> **Task brief**
Write out the data again exactly, skipping every picture.
Records to use START
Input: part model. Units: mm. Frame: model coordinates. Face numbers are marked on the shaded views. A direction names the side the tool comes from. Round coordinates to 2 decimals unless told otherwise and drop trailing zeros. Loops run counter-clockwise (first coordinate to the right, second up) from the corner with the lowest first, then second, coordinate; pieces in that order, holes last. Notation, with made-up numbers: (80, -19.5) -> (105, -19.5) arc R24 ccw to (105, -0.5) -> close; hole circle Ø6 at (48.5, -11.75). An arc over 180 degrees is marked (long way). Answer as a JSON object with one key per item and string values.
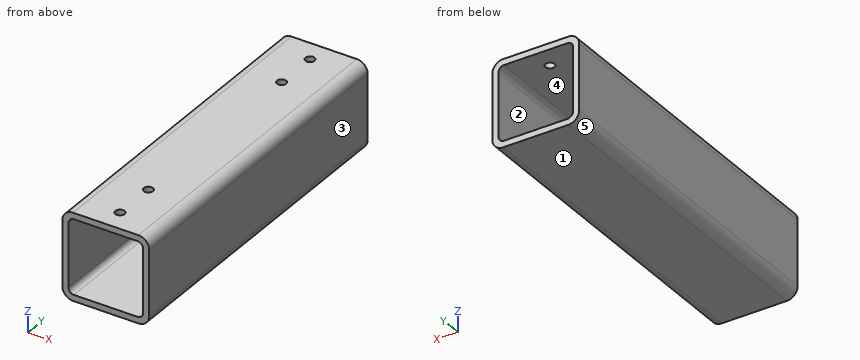
```python
from build123d import *

# Parameters (mm, degrees)
SKETCH1_W                      = 307.64
SKETCH1_H                      = 80
BOSS_EXTRUDE1_DEPTH            = 80
SKETCH2_W                      = 68.6
SKETCH2_H                      = 68.6
CUT_EXTRUDE1_DEPTH             = 314.476266406
F_8_5_8_5_DIAMETER_HOLE2_D     = 8.5
F_8_5_8_5_DIAMETER_HOLE2_DEPTH = 5.7
FILLET1_R                      = 5
FILLET2_R                      = 10
F_8_5_8_5_DIAMETER_HOLE3_D     = 8.5
F_8_5_8_5_DIAMETER_HOLE3_DEPTH = 10
F_8_5_8_5_DIAMETER_HOLE3_TIP   = 2.553657631
F_8_5_8_5_DIAMETER_HOLE5_D     = 8.5
F_8_5_8_5_DIAMETER_HOLE5_DEPTH = 10
F_8_5_8_5_DIAMETER_HOLE5_TIP   = 2.553657631


with BuildPart() as part:
    # Sketch1 → Boss-Extrude1 (new body)
    with BuildSketch(Plane(origin=(-35, 0, 0), x_dir=(0, -1, 0), z_dir=(-1, 0, 0))):
        with Locations((95.322857143, 0)):
            Rectangle(SKETCH1_W, SKETCH1_H)
    extrude(amount=-BOSS_EXTRUDE1_DEPTH)

    # Sketch2 → Cut-Extrude1 (cut, through all)
    with BuildSketch(Plane.XZ.offset(249.142857143)):
        with Locations((5, 0)):
            Rectangle(SKETCH2_W, SKETCH2_H)
    extrude(amount=-CUT_EXTRUDE1_DEPTH, mode=Mode.SUBTRACT)

    # Ø8.5 (8.5) Diameter Hole2
    with Locations(Plane.XY.offset(40)):
        with Locations((5, -189.142857143), (5, -229.142857143)):
            Hole(F_8_5_8_5_DIAMETER_HOLE2_D / 2, depth=F_8_5_8_5_DIAMETER_HOLE2_DEPTH)

    # Fillet1
    fillet1_edges = [part.edges().sort_by_distance(p)[0] for p in [
        (-29.3, -95.322857143, -34.3),
        (-29.3, -95.322857143, 34.3),
        (39.3, -95.322857143, 34.3),
        (39.3, -95.322857143, -34.3),
    ]]
    fillet(fillet1_edges, radius=FILLET1_R)

    # Fillet2
    fillet2_edges = [part.edges().sort_by_distance(p)[0] for p in [
        (45, -95.322857143, 40),
        (45, -95.322857143, -40),
        (-35, -95.322857143, 40),
        (-35, -95.322857143, -40),
    ]]
    fillet(fillet2_edges, radius=FILLET2_R)

    # Ø8.5 (8.5) Diameter Hole3
    with Locations(Plane.XY.offset(40)):
        with Locations((5, 38.497142857)):
            Hole(F_8_5_8_5_DIAMETER_HOLE3_D / 2, depth=F_8_5_8_5_DIAMETER_HOLE3_DEPTH)
            with Locations((0, 0, -(F_8_5_8_5_DIAMETER_HOLE3_DEPTH + F_8_5_8_5_DIAMETER_HOLE3_TIP / 2))):  # 118° drill point
                Cone(0, F_8_5_8_5_DIAMETER_HOLE3_D / 2, F_8_5_8_5_DIAMETER_HOLE3_TIP, mode=Mode.SUBTRACT)

    # Ø8.5 (8.5) Diameter Hole5
    with Locations(Plane.XY.offset(40)):
        with Locations((5, -1.502857143)):
            Hole(F_8_5_8_5_DIAMETER_HOLE5_D / 2, depth=F_8_5_8_5_DIAMETER_HOLE5_DEPTH)
            with Locations((0, 0, -(F_8_5_8_5_DIAMETER_HOLE5_DEPTH + F_8_5_8_5_DIAMETER_HOLE5_TIP / 2))):  # 118° drill point
                Cone(0, F_8_5_8_5_DIAMETER_HOLE5_D / 2, F_8_5_8_5_DIAMETER_HOLE5_TIP, mode=Mode.SUBTRACT)


solid = part.part
```
1) Draft query along Z for the marked faces 1, 2 and 3. Return one class per face: +Z half, -Z half, draft (parallel to the pull), parting line (faces both ways), or undercut.
Output:
{"face 1": "-Z half", "face 2": "undercut", "face 3": "draft"}
2) Ray query, probe 1 along Y at (x, z) = (5, 35); probe 2 along Z at (x, y) = (4.5, -142); probe 3 along X at (y, z) = (26, -6.5). Return the intervals inside material, ascending.
Output:
{"probe 1": "y = -249.14 to -233.39, -224.89 to -193.39, -184.89 to -5.75, 2.75 to 34.25, 42.75 to 58.5", "probe 2": "z = -40 to -34.3, 34.3 to 40", "probe 3": "x = -35 to -29.3, 39.3 to 45"}
3) Section B-B, the plane z = 20.5. Output: boundary loops of the cut face in (x, y).
Output:
{"outline": "(-35, -249.14) -> (-29.3, -249.14) -> (-29.3, 58.5) -> (-35, 58.5) -> close; (39.3, -249.14) -> (45, -249.14) -> (45, 58.5) -> (39.3, 58.5) -> close"}
4) Section D-D, the plane x = 28. Output: boundary loops of the cut face in (y, z).
Output:
{"outline": "(-249.14, -40) -> (58.5, -40) -> (58.5, -34.3) -> (-249.14, -34.3) -> close; (-249.14, 34.3) -> (58.5, 34.3) -> (58.5, 40) -> (-249.14, 40) -> close"}
5) Reachability of the marked faces 4 and 5 from +Z, -Z, +X, -X, +Y, -Y: full face, straight path, thin tool, end or side. Return the list, or none.
Output:
{"face 4": "+Y, -Y", "face 5": "-Z, -X, +Y, -Y"}
6) Section C-C, the plane y = -133. Output: boundary loops of the cut face in (x, z).
Output:
{"outline": "(-35, -30) arc R10 ccw to (-25, -40) -> (35, -40) arc R10 ccw to (45, -30) -> (45, 30) arc R10 ccw to (35, 40) -> (-25, 40) arc R10 ccw to (-35, 30) -> close; hole (-29.3, -29.3) arc R5 ccw to (-24.3, -34.3) -> (34.3, -34.3) arc R5 ccw to (39.3, -29.3) -> (39.3, 29.3) arc R5 ccw to (34.3, 34.3) -> (-24.3, 34.3) arc R5 ccw to (-29.3, 29.3) -> close"}
7) Section A-A, the plane x = 5. Output: boundary loops of the cut face in (y, z).
Output:
{"outline": "(-249.14, -40) -> (58.5, -40) -> (58.5, -34.3) -> (-249.14, -34.3) -> close; (-249.14, 34.3) -> (-233.39, 34.3) -> (-233.39, 40) -> (-249.14, 40) -> close; (-224.89, 34.3) -> (-193.39, 34.3) -> (-193.39, 40) -> (-224.89, 40) -> close; (-184.89, 34.3) -> (-5.75, 34.3) -> (-5.75, 40) -> (-184.89, 40) -> close; (2.75, 34.3) -> (34.25, 34.3) -> (34.25, 40) -> (2.75, 40) -> close; (42.75, 34.3) -> (58.5, 34.3) -> (58.5, 40) -> (42.75, 40) -> close"}
8) Contact query for a flat-ended pin moving along its axis: P1, Ø5, axis at x = 5, y = -189.14, coming from the +Z side. Output: stop coordinate, or through.
Output:
{"P1": "stops at z = -34.3"}
Records to use END
> **Output of the exercise**
Input: part model. Units: mm. Frame: model coordinates. Face numbers are marked on the shaded views. A direction names the side the tool comes from. Round coordinates to 2 decimals unless told otherwise and drop trailing zeros. Loops run counter-clockwise (first coordinate to the right, second up) from the corner with the lowest first, then second, coordinate; pieces in that order, holes last. Notation, with made-up numbers: (80, -19.5) -> (105, -19.5) arc R24 ccw to (105, -0.5) -> close; hole circle Ø6 at (48.5, -11.75). An arc over 180 degrees is marked (long way). Answer as a JSON object with one key per item and string values.
```python
from build123d import *

# Parameters (mm, degrees)
SKETCH1_W                      = 307.64
SKETCH1_H                      = 80
BOSS_EXTRUDE1_DEPTH            = 80
SKETCH2_W                      = 68.6
SKETCH2_H                      = 68.6
CUT_EXTRUDE1_DEPTH             = 314.476266406
F_8_5_8_5_DIAMETER_HOLE2_D     = 8.5
F_8_5_8_5_DIAMETER_HOLE2_DEPTH = 5.7
FILLET1_R                      = 5
FILLET2_R                      = 10
F_8_5_8_5_DIAMETER_HOLE3_D     = 8.5
F_8_5_8_5_DIAMETER_HOLE3_DEPTH = 10
F_8_5_8_5_DIAMETER_HOLE3_TIP   = 2.553657631
F_8_5_8_5_DIAMETER_HOLE5_D     = 8.5
F_8_5_8_5_DIAMETER_HOLE5_DEPTH = 10
F_8_5_8_5_DIAMETER_HOLE5_TIP   = 2.553657631


with BuildPart() as part:
    # Sketch1 → Boss-Extrude1 (new body)
    with BuildSketch(Plane(origin=(-35, 0, 0), x_dir=(0, -1, 0), z_dir=(-1, 0, 0))):
        with Locations((95.322857143, 0)):
            Rectangle(SKETCH1_W, SKETCH1_H)
    extrude(amount=-BOSS_EXTRUDE1_DEPTH)

    # Sketch2 → Cut-Extrude1 (cut, through all)
    with BuildSketch(Plane.XZ.offset(249.142857143)):
        with Locations((5, 0)):
            Rectangle(SKETCH2_W, SKETCH2_H)
    extrude(amount=-CUT_EXTRUDE1_DEPTH, mode=Mode.SUBTRACT)

    # Ø8.5 (8.5) Diameter Hole2
    with Locations(Plane.XY.offset(40)):
        with Locations((5, -189.142857143), (5, -229.142857143)):
            Hole(F_8_5_8_5_DIAMETER_HOLE2_D / 2, depth=F_8_5_8_5_DIAMETER_HOLE2_DEPTH)

    # Fillet1
    fillet1_edges = [part.edges().sort_by_distance(p)[0] for p in [
        (-29.3, -95.322857143, -34.3),
        (-29.3, -95.322857143, 34.3),
        (39.3, -95.322857143, 34.3),
        (39.3, -95.322857143, -34.3),
    ]]
    fillet(fillet1_edges, radius=FILLET1_R)

    # Fillet2
    fillet2_edges = [part.edges().sort_by_distance(p)[0] for p in [
        (45, -95.322857143, 40),
        (45, -95.322857143, -40),
        (-35, -95.322857143, 40),
        (-35, -95.322857143, -40),
    ]]
    fillet(fillet2_edges, radius=FILLET2_R)

    # Ø8.5 (8.5) Diameter Hole3
    with Locations(Plane.XY.offset(40)):
        with Locations((5, 38.497142857)):
            Hole(F_8_5_8_5_DIAMETER_HOLE3_D / 2, depth=F_8_5_8_5_DIAMETER_HOLE3_DEPTH)
            with Locations((0, 0, -(F_8_5_8_5_DIAMETER_HOLE3_DEPTH + F_8_5_8_5_DIAMETER_HOLE3_TIP / 2))):  # 118° drill point
                Cone(0, F_8_5_8_5_DIAMETER_HOLE3_D / 2, F_8_5_8_5_DIAMETER_HOLE3_TIP, mode=Mode.SUBTRACT)

    # Ø8.5 (8.5) Diameter Hole5
    with Locations(Plane.XY.offset(40)):
        with Locations((5, -1.502857143)):
            Hole(F_8_5_8_5_DIAMETER_HOLE5_D / 2, depth=F_8_5_8_5_DIAMETER_HOLE5_DEPTH)
            with Locations((0, 0, -(F_8_5_8_5_DIAMETER_HOLE5_DEPTH + F_8_5_8_5_DIAMETER_HOLE5_TIP / 2))):  # 118° drill point
                Cone(0, F_8_5_8_5_DIAMETER_HOLE5_D / 2, F_8_5_8_5_DIAMETER_HOLE5_TIP, mode=Mode.SUBTRACT)


solid = part.part
```
1) Draft query along Z for the marked faces 1, 2 and 3. Return one class per face: +Z half, -Z half, draft (parallel to the pull), parting line (faces both ways), or undercut.
Output:
{"face 1": "-Z half", "face 2": "undercut", "face 3": "draft"}
2) Ray query, probe 1 along Y at (x, z) = (5, 35); probe 2 along Z at (x, y) = (4.5, -142); probe 3 along X at (y, z) = (26, -6.5). Return the intervals inside material, ascending.
Output:
{"probe 1": "y = -249.14 to -233.39, -224.89 to -193.39, -184.89 to -5.75, 2.75 to 34.25, 42.75 to 58.5", "probe 2": "z = -40 to -34.3, 34.3 to 40", "probe 3": "x = -35 to -29.3, 39.3 to 45"}
3) Section B-B, the plane z = 20.5. Output: boundary loops of the cut face in (x, y).
Output:
{"outline": "(-35, -249.14) -> (-29.3, -249.14) -> (-29.3, 58.5) -> (-35, 58.5) -> close; (39.3, -249.14) -> (45, -249.14) -> (45, 58.5) -> (39.3, 58.5) -> close"}
4) Section D-D, the plane x = 28. Output: boundary loops of the cut face in (y, z).
Output:
{"outline": "(-249.14, -40) -> (58.5, -40) -> (58.5, -34.3) -> (-249.14, -34.3) -> close; (-249.14, 34.3) -> (58.5, 34.3) -> (58.5, 40) -> (-249.14, 40) -> close"}
5) Reachability of the marked faces 4 and 5 from +Z, -Z, +X, -X, +Y, -Y: full face, straight path, thin tool, end or side. Return the list, or none.
Output:
{"face 4": "+Y, -Y", "face 5": "-Z, -X, +Y, -Y"}
6) Section C-C, the plane y = -133. Output: boundary loops of the cut face in (x, z).
Output:
{"outline": "(-35, -30) arc R10 ccw to (-25, -40) -> (35, -40) arc R10 ccw to (45, -30) -> (45, 30) arc R10 ccw to (35, 40) -> (-25, 40) arc R10 ccw to (-35, 30) -> close; hole (-29.3, -29.3) arc R5 ccw to (-24.3, -34.3) -> (34.3, -34.3) arc R5 ccw to (39.3, -29.3) -> (39.3, 29.3) arc R5 ccw to (34.3, 34.3) -> (-24.3, 34.3) arc R5 ccw to (-29.3, 29.3) -> close"}
7) Section A-A, the plane x = 5. Output: boundary loops of the cut face in (y, z).
Output:
{"outline": "(-249.14, -40) -> (58.5, -40) -> (58.5, -34.3) -> (-249.14, -34.3) -> close; (-249.14, 34.3) -> (-233.39, 34.3) -> (-233.39, 40) -> (-249.14, 40) -> close; (-224.89, 34.3) -> (-193.39, 34.3) -> (-193.39, 40) -> (-224.89, 40) -> close; (-184.89, 34.3) -> (-5.75, 34.3) -> (-5.75, 40) -> (-184.89, 40) -> close; (2.75, 34.3) -> (34.25, 34.3) -> (34.25, 40) -> (2.75, 40) -> close; (42.75, 34.3) -> (58.5, 34.3) -> (58.5, 40) -> (42.75, 40) -> close"}
8) Contact query for a flat-ended pin moving along its axis: P1, Ø5, axis at x = 5, y = -189.14, coming from the +Z side. Output: stop coordinate, or through.
Output:
{"P1": "stops at z = -34.3"}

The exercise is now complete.